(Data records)
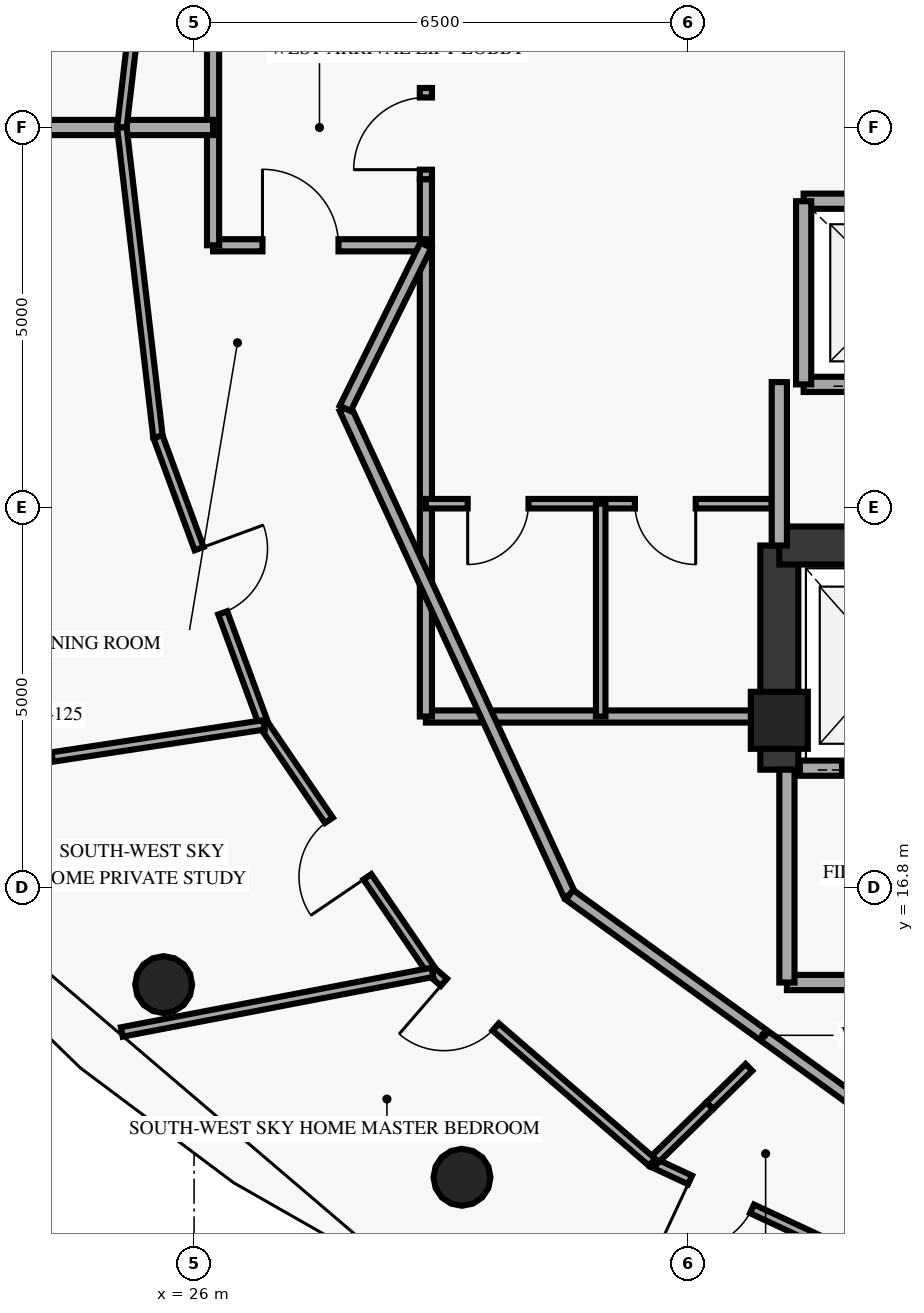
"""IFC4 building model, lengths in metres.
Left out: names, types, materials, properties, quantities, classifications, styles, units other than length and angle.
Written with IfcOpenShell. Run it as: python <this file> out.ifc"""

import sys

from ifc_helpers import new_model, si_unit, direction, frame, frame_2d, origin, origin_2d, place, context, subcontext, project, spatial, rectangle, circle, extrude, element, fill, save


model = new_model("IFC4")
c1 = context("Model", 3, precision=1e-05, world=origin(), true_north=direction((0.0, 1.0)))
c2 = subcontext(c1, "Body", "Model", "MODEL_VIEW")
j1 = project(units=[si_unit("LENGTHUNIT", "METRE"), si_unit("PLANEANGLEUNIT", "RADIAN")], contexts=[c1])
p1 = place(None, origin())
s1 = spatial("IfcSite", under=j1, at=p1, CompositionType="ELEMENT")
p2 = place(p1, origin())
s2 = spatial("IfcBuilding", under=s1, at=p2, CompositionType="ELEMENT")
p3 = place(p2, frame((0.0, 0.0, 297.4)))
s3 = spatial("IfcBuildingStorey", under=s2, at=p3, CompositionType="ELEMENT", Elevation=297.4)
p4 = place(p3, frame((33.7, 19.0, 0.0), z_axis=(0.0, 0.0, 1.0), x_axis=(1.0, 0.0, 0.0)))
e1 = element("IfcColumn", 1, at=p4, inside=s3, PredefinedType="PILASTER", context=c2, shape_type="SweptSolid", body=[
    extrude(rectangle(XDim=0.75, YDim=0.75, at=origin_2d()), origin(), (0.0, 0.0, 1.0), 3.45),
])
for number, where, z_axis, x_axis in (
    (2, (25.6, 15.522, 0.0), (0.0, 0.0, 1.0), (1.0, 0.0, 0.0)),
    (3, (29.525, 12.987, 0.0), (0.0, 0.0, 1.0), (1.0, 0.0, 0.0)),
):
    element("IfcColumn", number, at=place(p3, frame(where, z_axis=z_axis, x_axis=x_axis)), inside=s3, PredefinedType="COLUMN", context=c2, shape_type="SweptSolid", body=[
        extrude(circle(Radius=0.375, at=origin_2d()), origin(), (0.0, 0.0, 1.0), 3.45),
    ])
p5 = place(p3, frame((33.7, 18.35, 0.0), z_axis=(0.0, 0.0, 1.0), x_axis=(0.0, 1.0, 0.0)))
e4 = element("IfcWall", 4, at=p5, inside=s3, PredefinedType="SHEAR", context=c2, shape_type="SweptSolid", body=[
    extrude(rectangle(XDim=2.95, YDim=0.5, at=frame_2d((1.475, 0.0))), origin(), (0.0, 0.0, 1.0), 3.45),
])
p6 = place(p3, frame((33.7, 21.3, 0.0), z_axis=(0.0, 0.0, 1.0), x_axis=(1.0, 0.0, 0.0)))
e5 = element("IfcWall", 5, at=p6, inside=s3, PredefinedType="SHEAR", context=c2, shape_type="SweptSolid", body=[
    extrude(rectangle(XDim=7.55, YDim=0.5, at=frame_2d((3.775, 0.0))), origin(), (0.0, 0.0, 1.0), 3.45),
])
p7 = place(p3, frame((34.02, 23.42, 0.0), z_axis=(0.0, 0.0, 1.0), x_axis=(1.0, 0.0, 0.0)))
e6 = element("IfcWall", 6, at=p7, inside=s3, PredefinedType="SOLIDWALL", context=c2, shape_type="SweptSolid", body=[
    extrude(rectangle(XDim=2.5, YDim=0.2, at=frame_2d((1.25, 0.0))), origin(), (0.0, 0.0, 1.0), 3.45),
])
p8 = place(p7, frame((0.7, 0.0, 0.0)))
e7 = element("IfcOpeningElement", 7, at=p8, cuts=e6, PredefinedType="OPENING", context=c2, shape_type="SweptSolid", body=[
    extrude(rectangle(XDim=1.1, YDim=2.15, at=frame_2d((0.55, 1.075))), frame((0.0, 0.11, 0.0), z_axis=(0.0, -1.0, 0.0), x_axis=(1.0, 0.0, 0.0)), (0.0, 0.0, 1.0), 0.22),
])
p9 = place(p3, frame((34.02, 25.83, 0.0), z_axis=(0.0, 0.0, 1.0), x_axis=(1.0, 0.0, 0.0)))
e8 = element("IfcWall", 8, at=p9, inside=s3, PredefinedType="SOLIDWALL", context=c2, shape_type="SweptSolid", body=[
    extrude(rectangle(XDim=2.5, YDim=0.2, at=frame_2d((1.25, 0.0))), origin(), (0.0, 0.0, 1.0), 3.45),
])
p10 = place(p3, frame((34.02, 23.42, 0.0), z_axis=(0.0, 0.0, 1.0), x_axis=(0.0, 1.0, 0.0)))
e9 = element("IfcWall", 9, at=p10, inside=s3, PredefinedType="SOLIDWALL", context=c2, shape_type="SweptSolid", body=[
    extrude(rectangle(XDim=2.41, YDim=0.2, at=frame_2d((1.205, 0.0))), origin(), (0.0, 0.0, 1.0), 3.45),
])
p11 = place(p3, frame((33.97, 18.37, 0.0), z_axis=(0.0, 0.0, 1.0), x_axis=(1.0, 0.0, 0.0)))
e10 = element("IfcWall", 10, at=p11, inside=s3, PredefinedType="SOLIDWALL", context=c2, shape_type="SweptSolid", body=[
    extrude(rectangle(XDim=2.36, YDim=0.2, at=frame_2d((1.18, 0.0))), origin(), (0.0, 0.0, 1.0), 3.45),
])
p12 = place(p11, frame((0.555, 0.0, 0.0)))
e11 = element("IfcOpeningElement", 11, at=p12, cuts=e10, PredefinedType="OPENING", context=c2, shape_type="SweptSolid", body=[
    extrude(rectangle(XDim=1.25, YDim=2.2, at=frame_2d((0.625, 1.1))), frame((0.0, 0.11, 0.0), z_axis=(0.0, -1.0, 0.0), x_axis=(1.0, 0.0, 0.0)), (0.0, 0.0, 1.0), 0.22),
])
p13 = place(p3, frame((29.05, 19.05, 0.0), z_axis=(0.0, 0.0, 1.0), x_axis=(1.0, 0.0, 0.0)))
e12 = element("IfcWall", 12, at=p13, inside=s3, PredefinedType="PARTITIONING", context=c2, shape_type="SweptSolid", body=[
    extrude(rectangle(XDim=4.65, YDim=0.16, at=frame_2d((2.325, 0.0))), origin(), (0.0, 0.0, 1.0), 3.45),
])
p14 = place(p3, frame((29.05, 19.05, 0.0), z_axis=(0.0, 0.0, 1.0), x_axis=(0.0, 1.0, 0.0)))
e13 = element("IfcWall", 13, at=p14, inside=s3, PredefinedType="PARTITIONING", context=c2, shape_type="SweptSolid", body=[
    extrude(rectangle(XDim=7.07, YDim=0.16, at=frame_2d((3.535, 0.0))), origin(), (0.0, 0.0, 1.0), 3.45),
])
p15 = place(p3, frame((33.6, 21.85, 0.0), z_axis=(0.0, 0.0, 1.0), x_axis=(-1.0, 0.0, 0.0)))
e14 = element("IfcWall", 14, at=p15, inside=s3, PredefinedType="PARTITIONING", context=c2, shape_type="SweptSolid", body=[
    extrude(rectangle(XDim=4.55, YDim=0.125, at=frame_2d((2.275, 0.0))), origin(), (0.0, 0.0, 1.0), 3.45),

### To do
The output should consist of the records above, reproduced exactly, without pictures.

### Result of the task
"""IFC4 building model, lengths in metres.
Left out: names, types, materials, properties, quantities, classifications, styles, units other than length and angle.
Written with IfcOpenShell. Run it as: python <this file> out.ifc"""

import sys

from ifc_helpers import new_model, si_unit, direction, frame, frame_2d, origin, origin_2d, place, context, subcontext, project, spatial, rectangle, circle, extrude, element, fill, save


model = new_model("IFC4")
c1 = context("Model", 3, precision=1e-05, world=origin(), true_north=direction((0.0, 1.0)))
c2 = subcontext(c1, "Body", "Model", "MODEL_VIEW")
j1 = project(units=[si_unit("LENGTHUNIT", "METRE"), si_unit("PLANEANGLEUNIT", "RADIAN")], contexts=[c1])
p1 = place(None, origin())
s1 = spatial("IfcSite", under=j1, at=p1, CompositionType="ELEMENT")
p2 = place(p1, origin())
s2 = spatial("IfcBuilding", under=s1, at=p2, CompositionType="ELEMENT")
p3 = place(p2, frame((0.0, 0.0, 297.4)))
s3 = spatial("IfcBuildingStorey", under=s2, at=p3, CompositionType="ELEMENT", Elevation=297.4)
p4 = place(p3, frame((33.7, 19.0, 0.0), z_axis=(0.0, 0.0, 1.0), x_axis=(1.0, 0.0, 0.0)))
e1 = element("IfcColumn", 1, at=p4, inside=s3, PredefinedType="PILASTER", context=c2, shape_type="SweptSolid", body=[
    extrude(rectangle(XDim=0.75, YDim=0.75, at=origin_2d()), origin(), (0.0, 0.0, 1.0), 3.45),
])
for number, where, z_axis, x_axis in (
    (2, (25.6, 15.522, 0.0), (0.0, 0.0, 1.0), (1.0, 0.0, 0.0)),
    (3, (29.525, 12.987, 0.0), (0.0, 0.0, 1.0), (1.0, 0.0, 0.0)),
):
    element("IfcColumn", number, at=place(p3, frame(where, z_axis=z_axis, x_axis=x_axis)), inside=s3, PredefinedType="COLUMN", context=c2, shape_type="SweptSolid", body=[
        extrude(circle(Radius=0.375, at=origin_2d()), origin(), (0.0, 0.0, 1.0), 3.45),
    ])
p5 = place(p3, frame((33.7, 18.35, 0.0), z_axis=(0.0, 0.0, 1.0), x_axis=(0.0, 1.0, 0.0)))
e4 = element("IfcWall", 4, at=p5, inside=s3, PredefinedType="SHEAR", context=c2, shape_type="SweptSolid", body=[
    extrude(rectangle(XDim=2.95, YDim=0.5, at=frame_2d((1.475, 0.0))), origin(), (0.0, 0.0, 1.0), 3.45),
])
p6 = place(p3, frame((33.7, 21.3, 0.0), z_axis=(0.0, 0.0, 1.0), x_axis=(1.0, 0.0, 0.0)))
e5 = element("IfcWall", 5, at=p6, inside=s3, PredefinedType="SHEAR", context=c2, shape_type="SweptSolid", body=[
    extrude(rectangle(XDim=7.55, YDim=0.5, at=frame_2d((3.775, 0.0))), origin(), (0.0, 0.0, 1.0), 3.45),
])
p7 = place(p3, frame((34.02, 23.42, 0.0), z_axis=(0.0, 0.0, 1.0), x_axis=(1.0, 0.0, 0.0)))
e6 = element("IfcWall", 6, at=p7, inside=s3, PredefinedType="SOLIDWALL", context=c2, shape_type="SweptSolid", body=[
    extrude(rectangle(XDim=2.5, YDim=0.2, at=frame_2d((1.25, 0.0))), origin(), (0.0, 0.0, 1.0), 3.45),
])
p8 = place(p7, frame((0.7, 0.0, 0.0)))
e7 = element("IfcOpeningElement", 7, at=p8, cuts=e6, PredefinedType="OPENING", context=c2, shape_type="SweptSolid", body=[
    extrude(rectangle(XDim=1.1, YDim=2.15, at=frame_2d((0.55, 1.075))), frame((0.0, 0.11, 0.0), z_axis=(0.0, -1.0, 0.0), x_axis=(1.0, 0.0, 0.0)), (0.0, 0.0, 1.0), 0.22),
])
p9 = place(p3, frame((34.02, 25.83, 0.0), z_axis=(0.0, 0.0, 1.0), x_axis=(1.0, 0.0, 0.0)))
e8 = element("IfcWall", 8, at=p9, inside=s3, PredefinedType="SOLIDWALL", context=c2, shape_type="SweptSolid", body=[
    extrude(rectangle(XDim=2.5, YDim=0.2, at=frame_2d((1.25, 0.0))), origin(), (0.0, 0.0, 1.0), 3.45),
])
p10 = place(p3, frame((34.02, 23.42, 0.0), z_axis=(0.0, 0.0, 1.0), x_axis=(0.0, 1.0, 0.0)))
e9 = element("IfcWall", 9, at=p10, inside=s3, PredefinedType="SOLIDWALL", context=c2, shape_type="SweptSolid", body=[
    extrude(rectangle(XDim=2.41, YDim=0.2, at=frame_2d((1.205, 0.0))), origin(), (0.0, 0.0, 1.0), 3.45),
])
p11 = place(p3, frame((33.97, 18.37, 0.0), z_axis=(0.0, 0.0, 1.0), x_axis=(1.0, 0.0, 0.0)))
e10 = element("IfcWall", 10, at=p11, inside=s3, PredefinedType="SOLIDWALL", context=c2, shape_type="SweptSolid", body=[
    extrude(rectangle(XDim=2.36, YDim=0.2, at=frame_2d((1.18, 0.0))), origin(), (0.0, 0.0, 1.0), 3.45),
])
p12 = place(p11, frame((0.555, 0.0, 0.0)))
e11 = element("IfcOpeningElement", 11, at=p12, cuts=e10, PredefinedType="OPENING", context=c2, shape_type="SweptSolid", body=[
    extrude(rectangle(XDim=1.25, YDim=2.2, at=frame_2d((0.625, 1.1))), frame((0.0, 0.11, 0.0), z_axis=(0.0, -1.0, 0.0), x_axis=(1.0, 0.0, 0.0)), (0.0, 0.0, 1.0), 0.22),
])
p13 = place(p3, frame((29.05, 19.05, 0.0), z_axis=(0.0, 0.0, 1.0), x_axis=(1.0, 0.0, 0.0)))
e12 = element("IfcWall", 12, at=p13, inside=s3, PredefinedType="PARTITIONING", context=c2, shape_type="SweptSolid", body=[
    extrude(rectangle(XDim=4.65, YDim=0.16, at=frame_2d((2.325, 0.0))), origin(), (0.0, 0.0, 1.0), 3.45),
])
p14 = place(p3, frame((29.05, 19.05, 0.0), z_axis=(0.0, 0.0, 1.0), x_axis=(0.0, 1.0, 0.0)))
e13 = element("IfcWall", 13, at=p14, inside=s3, PredefinedType="PARTITIONING", context=c2, shape_type="SweptSolid", body=[
    extrude(rectangle(XDim=7.07, YDim=0.16, at=frame_2d((3.535, 0.0))), origin(), (0.0, 0.0, 1.0), 3.45),
])
p15 = place(p3, frame((33.6, 21.85, 0.0), z_axis=(0.0, 0.0, 1.0), x_axis=(-1.0, 0.0, 0.0)))
e14 = element("IfcWall", 14, at=p15, inside=s3, PredefinedType="PARTITIONING", context=c2, shape_type="SweptSolid", body=[
    extrude(rectangle(XDim=4.55, YDim=0.125, at=frame_2d((2.275, 0.0))), origin(), (0.0, 0.0, 1.0), 3.45),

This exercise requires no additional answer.